◆ SOURCE DATA ◆
········
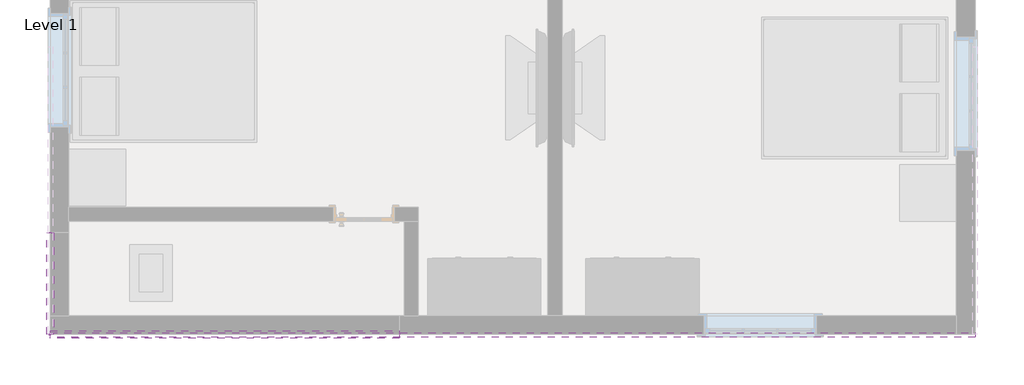
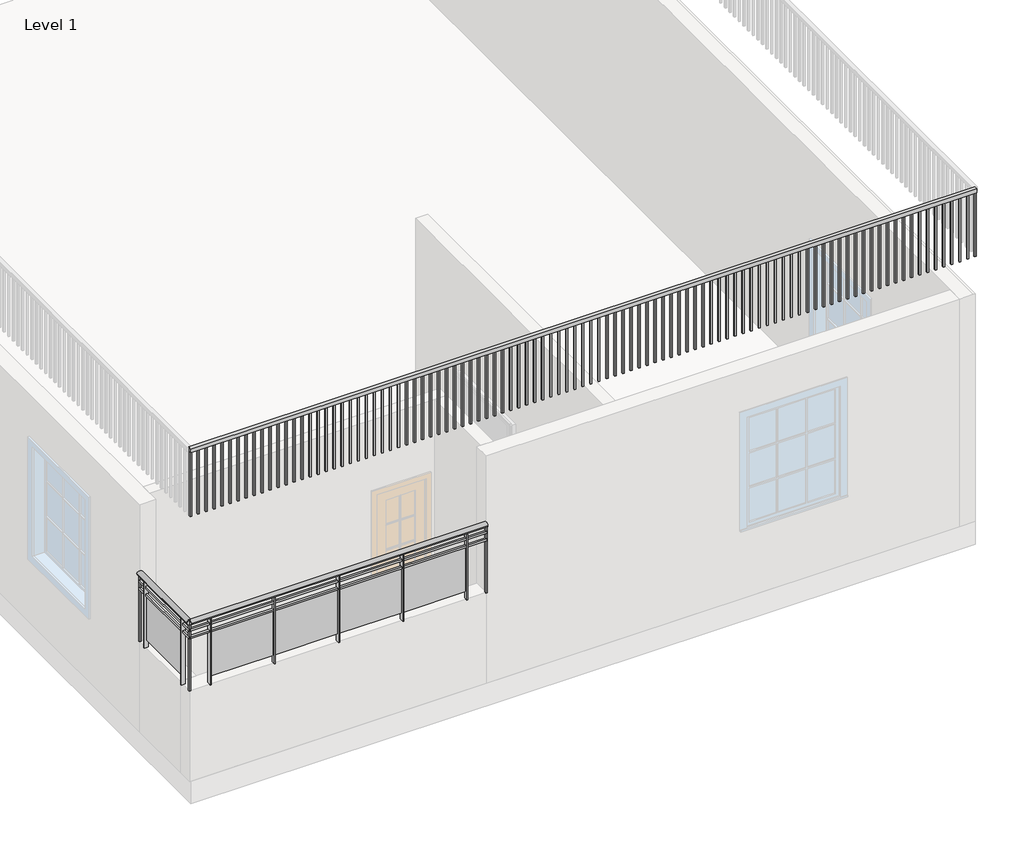
# One storey, part 2 of 7: 3 railings.
"""IFC4 building model written with IfcOpenShell, lengths in millimetres."""

from ifc_helpers import new_model, si_unit, point, frame, origin, place, context, project, spatial, polyline, ellipse_curve, trimmed, outline, extrude, element, save
from ifc_brep_helpers import plane_surface, extruded_surface, advanced_brep

model = new_model("IFC4")

# Units and contexts
model_context = context("Model", 3, world=origin())
ifc_project = project(units=[si_unit("LENGTHUNIT", "METRE", prefix="MILLI")], contexts=[model_context])

# Site, building, storey
site = spatial("IfcSite", under=ifc_project)
building = spatial("IfcBuilding", under=site)
storey = spatial("IfcBuildingStorey", under=building, Name="Level 1", Elevation=0.0)

# Railings
placement = place(None, origin())
element("IfcRailing", 1, ObjectType="Glass Panel - Bottom Fill", at=placement, inside=storey, context=model_context, shape_type="SolidModel", body=[
    advanced_brep(
    [(-8442.18475, -376.3160527, 2133.6), (-8518.38475, -376.3160527, 2133.6), (-8442.18475, -1468.5160527, 2133.6), (-8518.38475, -1468.5160527, 2133.6)],
    [
        (0, 1, ellipse_curve(frame((-8480.28475, -376.3160527, 2133.6), z_axis=(0.0, 1.0, 0.0), x_axis=(-1.0, 0.0, 0.0)), 38.1, 28.575)),
        (1, 0, ellipse_curve(frame((-8480.28475, -376.3160527, 2133.6), z_axis=(0.0, 1.0, 0.0), x_axis=(-1.0, 0.0, 0.0)), 38.1, 28.575)),
        (2, 3, ellipse_curve(frame((-8480.28475, -1468.5160527, 2133.6), z_axis=(0.0, -1.0, 0.0), x_axis=(-1.0, 0.0, 0.0)), 38.1, 28.575)),
        (3, 2, ellipse_curve(frame((-8480.28475, -1468.5160527, 2133.6), z_axis=(0.0, -1.0, 0.0), x_axis=(-1.0, 0.0, 0.0)), 38.1, 28.575)),
        (0, 2),
        (3, 1),
    ],
    [
        plane_surface(frame((-8480.28475, -376.3160527, 2133.6), z_axis=(0.0, 1.0, 0.0), x_axis=(0.0, 0.0, -1.0))),
        plane_surface(frame((-8480.28475, -1468.5160527, 2133.6), z_axis=(0.0, -1.0, 0.0), x_axis=(0.0, 0.0, -1.0))),
        extruded_surface(trimmed(ellipse_curve(frame((-8480.28475, -1468.5160527, 2133.6), z_axis=(0.0, 1.0, 0.0), x_axis=(-1.0, 0.0, 0.0)), 38.1, 28.575), [point((-8442.18475, -1468.5160527, 2133.6))], [point((-8518.38475, -1468.5160527, 2133.6))], True, "CARTESIAN"), (0.0, 1092.2, 0.0), 1092.2),
        extruded_surface(trimmed(ellipse_curve(frame((-8480.28475, -1468.5160527, 2133.6), z_axis=(0.0, 1.0, 0.0), x_axis=(-1.0, 0.0, 0.0)), 38.1, 28.575), [point((-8518.38475, -1468.5160527, 2133.6))], [point((-8442.18475, -1468.5160527, 2133.6))], True, "CARTESIAN"), (0.0, 1092.2, 0.0), 1092.2),
    ],
    [
        (0, [[1, 2]]),
        (1, [[3, 4]]),
        (2, [[-1, 5, -4, 6]]),
        (3, [[-2, -6, -3, -5]]),
    ],
),
    extrude(outline(polyline([(-8492.98475, -376.3160527), (-8467.58475, -376.3160527), (-8467.58475, -1468.5160527), (-8492.98475, -1468.5160527), (-8492.98475, -376.3160527)])), frame((0.0, 0.0, 2019.3), z_axis=(0.0, 0.0, 1.0), x_axis=(1.0, 0.0, 0.0)), (0.0, 0.0, 1.0), 25.4),
    extrude(outline(polyline([(-8492.98475, -376.3160527), (-8467.58475, -376.3160527), (-8467.58475, -1468.5160527), (-8492.98475, -1468.5160527), (-8492.98475, -376.3160527)])), frame((0.0, 0.0, 1917.7), z_axis=(0.0, 0.0, 1.0), x_axis=(1.0, 0.0, 0.0)), (0.0, 0.0, 1.0), 25.4),
    extrude(outline(polyline([(-8505.68475, -1322.4660527), (-8454.88475, -1322.4660527), (-8454.88475, -1335.1660527), (-8505.68475, -1335.1660527), (-8505.68475, -1322.4660527)])), frame((0.0, 0.0, 1219.2), z_axis=(0.0, 0.0, 1.0), x_axis=(1.0, 0.0, 0.0)), (0.0, 0.0, 1.0), 885.6788223),
    extrude(outline(polyline([(-8473.749593, -516.0160527), (-8473.749593, -1328.8160527), (-8480.099593, -1328.8160527), (-8480.099593, -516.0160527), (-8473.749593, -516.0160527)])), frame((0.0, 0.0, 1320.8), z_axis=(0.0, 0.0, 1.0), x_axis=(1.0, 0.0, 0.0)), (0.0, 0.0, 1.0), 596.9),
    extrude(outline(polyline([(-8505.68475, -509.6660527), (-8454.88475, -509.6660527), (-8454.88475, -522.3660527), (-8505.68475, -522.3660527), (-8505.68475, -509.6660527)])), frame((0.0, 0.0, 1219.2), z_axis=(0.0, 0.0, 1.0), x_axis=(1.0, 0.0, 0.0)), (0.0, 0.0, 1.0), 885.6788223),
    extrude(outline(polyline([(-8489.80975, -1455.8160527), (-8470.75975, -1455.8160527), (-8470.75975, -1474.8660527), (-8489.80975, -1474.8660527), (-8489.80975, -1455.8160527)])), frame((0.0, 0.0, 1219.2), z_axis=(0.0, 0.0, 1.0), x_axis=(1.0, 0.0, 0.0)), (0.0, 0.0, 1.0), 885.6788223),
    extrude(outline(polyline([(-8489.80975, -369.9660527), (-8470.75975, -369.9660527), (-8470.75975, -389.0160527), (-8489.80975, -389.0160527), (-8489.80975, -369.9660527)])), frame((0.0, 0.0, 1219.2), z_axis=(0.0, 0.0, 1.0), x_axis=(1.0, 0.0, 0.0)), (0.0, 0.0, 1.0), 885.6788223),
])
element("IfcRailing", 2, ObjectType="Glass Panel - Bottom Fill", at=placement, inside=storey, context=model_context, shape_type="SolidModel", body=[
    advanced_brep(
    [(-8480.28475, -1430.4160527, 2133.6), (-8480.28475, -1506.6160527, 2133.6), (-4721.08475, -1430.4160527, 2133.6), (-4721.08475, -1506.6160527, 2133.6)],
    [
        (0, 1, ellipse_curve(frame((-8480.28475, -1468.5160527, 2133.6), z_axis=(-1.0, 0.0, 0.0), x_axis=(0.0, -1.0, 0.0)), 38.1, 28.575)),
        (1, 0, ellipse_curve(frame((-8480.28475, -1468.5160527, 2133.6), z_axis=(-1.0, 0.0, 0.0), x_axis=(0.0, -1.0, 0.0)), 38.1, 28.575)),
        (2, 3, ellipse_curve(frame((-4721.08475, -1468.5160527, 2133.6), z_axis=(1.0, 0.0, 0.0), x_axis=(0.0, -1.0, 0.0)), 38.1, 28.575)),
        (3, 2, ellipse_curve(frame((-4721.08475, -1468.5160527, 2133.6), z_axis=(1.0, 0.0, 0.0), x_axis=(0.0, -1.0, 0.0)), 38.1, 28.575)),
        (0, 2),
        (3, 1),
    ],
    [
        plane_surface(frame((-8480.28475, -1468.5160527, 2133.6), z_axis=(-1.0, 0.0, 0.0), x_axis=(0.0, 1.0, 0.0))),
        plane_surface(frame((-4721.08475, -1468.5160527, 2133.6), z_axis=(1.0, 0.0, 0.0), x_axis=(0.0, 1.0, 0.0))),
        extruded_surface(trimmed(ellipse_curve(frame((-4721.08475, -1468.5160527, 2133.6), z_axis=(-1.0, 0.0, 0.0), x_axis=(0.0, -1.0, 0.0)), 38.1, 28.575), [point((-4721.08475, -1430.4160527, 2133.6))], [point((-4721.08475, -1506.6160527, 2133.6))], True, "CARTESIAN"), (-3759.2000000000007, 0.0, 0.0), 3759.2000000000007),
        extruded_surface(trimmed(ellipse_curve(frame((-4721.08475, -1468.5160527, 2133.6), z_axis=(-1.0, 0.0, 0.0), x_axis=(0.0, -1.0, 0.0)), 38.1, 28.575), [point((-4721.08475, -1506.6160527, 2133.6))], [point((-4721.08475, -1430.4160527, 2133.6))], True, "CARTESIAN"), (-3759.2000000000007, 0.0, 0.0), 3759.2000000000007),
    ],
    [
        (0, [[1, 2]]),
        (1, [[3, 4]]),
        (2, [[-1, 5, -4, 6]]),
        (3, [[-2, -6, -3, -5]]),
    ],
),
    extrude(outline(polyline([(-8480.28475, -1481.2160527), (-8480.28475, -1455.8160527), (-4721.08475, -1455.8160527), (-4721.08475, -1481.2160527), (-8480.28475, -1481.2160527)])), frame((0.0, 0.0, 2019.3), z_axis=(0.0, 0.0, 1.0), x_axis=(1.0, 0.0, 0.0)), (0.0, 0.0, 1.0), 25.4),
    extrude(outline(polyline([(-8480.28475, -1481.2160527), (-8480.28475, -1455.8160527), (-4721.08475, -1455.8160527), (-4721.08475, -1481.2160527), (-8480.28475, -1481.2160527)])), frame((0.0, 0.0, 1917.7), z_axis=(0.0, 0.0, 1.0), x_axis=(1.0, 0.0, 0.0)), (0.0, 0.0, 1.0), 25.4),
    extrude(outline(polyline([(-4981.43475, -1493.9160527), (-4981.43475, -1443.1160527), (-4968.73475, -1443.1160527), (-4968.73475, -1493.9160527), (-4981.43475, -1493.9160527)])), frame((0.0, 0.0, 1219.2), z_axis=(0.0, 0.0, 1.0), x_axis=(1.0, 0.0, 0.0)), (0.0, 0.0, 1.0), 885.6788223),
    extrude(outline(polyline([(-5787.88475, -1461.9808957), (-4975.08475, -1461.9808957), (-4975.08475, -1468.3308957), (-5787.88475, -1468.3308957), (-5787.88475, -1461.9808957)])), frame((0.0, 0.0, 1320.8), z_axis=(0.0, 0.0, 1.0), x_axis=(1.0, 0.0, 0.0)), (0.0, 0.0, 1.0), 596.9),
    extrude(outline(polyline([(-5794.23475, -1493.9160527), (-5794.23475, -1443.1160527), (-5781.53475, -1443.1160527), (-5781.53475, -1493.9160527), (-5794.23475, -1493.9160527)])), frame((0.0, 0.0, 1219.2), z_axis=(0.0, 0.0, 1.0), x_axis=(1.0, 0.0, 0.0)), (0.0, 0.0, 1.0), 885.6788223),
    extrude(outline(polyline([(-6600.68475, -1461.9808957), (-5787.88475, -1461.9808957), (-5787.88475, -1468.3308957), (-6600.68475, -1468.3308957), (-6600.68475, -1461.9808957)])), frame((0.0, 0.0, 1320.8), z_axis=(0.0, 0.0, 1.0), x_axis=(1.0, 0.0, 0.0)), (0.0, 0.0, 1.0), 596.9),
········
◆ TO DO ◆
The answer should contain nothing but the lines from the top of the data above through the line containing "# Units and contexts", copied exactly, with no images.

◆ WRITTEN ANSWER ◆
# One storey, part 2 of 7: 3 railings.
"""IFC4 building model written with IfcOpenShell, lengths in millimetres."""

from ifc_helpers import new_model, si_unit, point, frame, origin, place, context, project, spatial, polyline, ellipse_curve, trimmed, outline, extrude, element, save
from ifc_brep_helpers import plane_surface, extruded_surface, advanced_brep

model = new_model("IFC4")

# Units and contexts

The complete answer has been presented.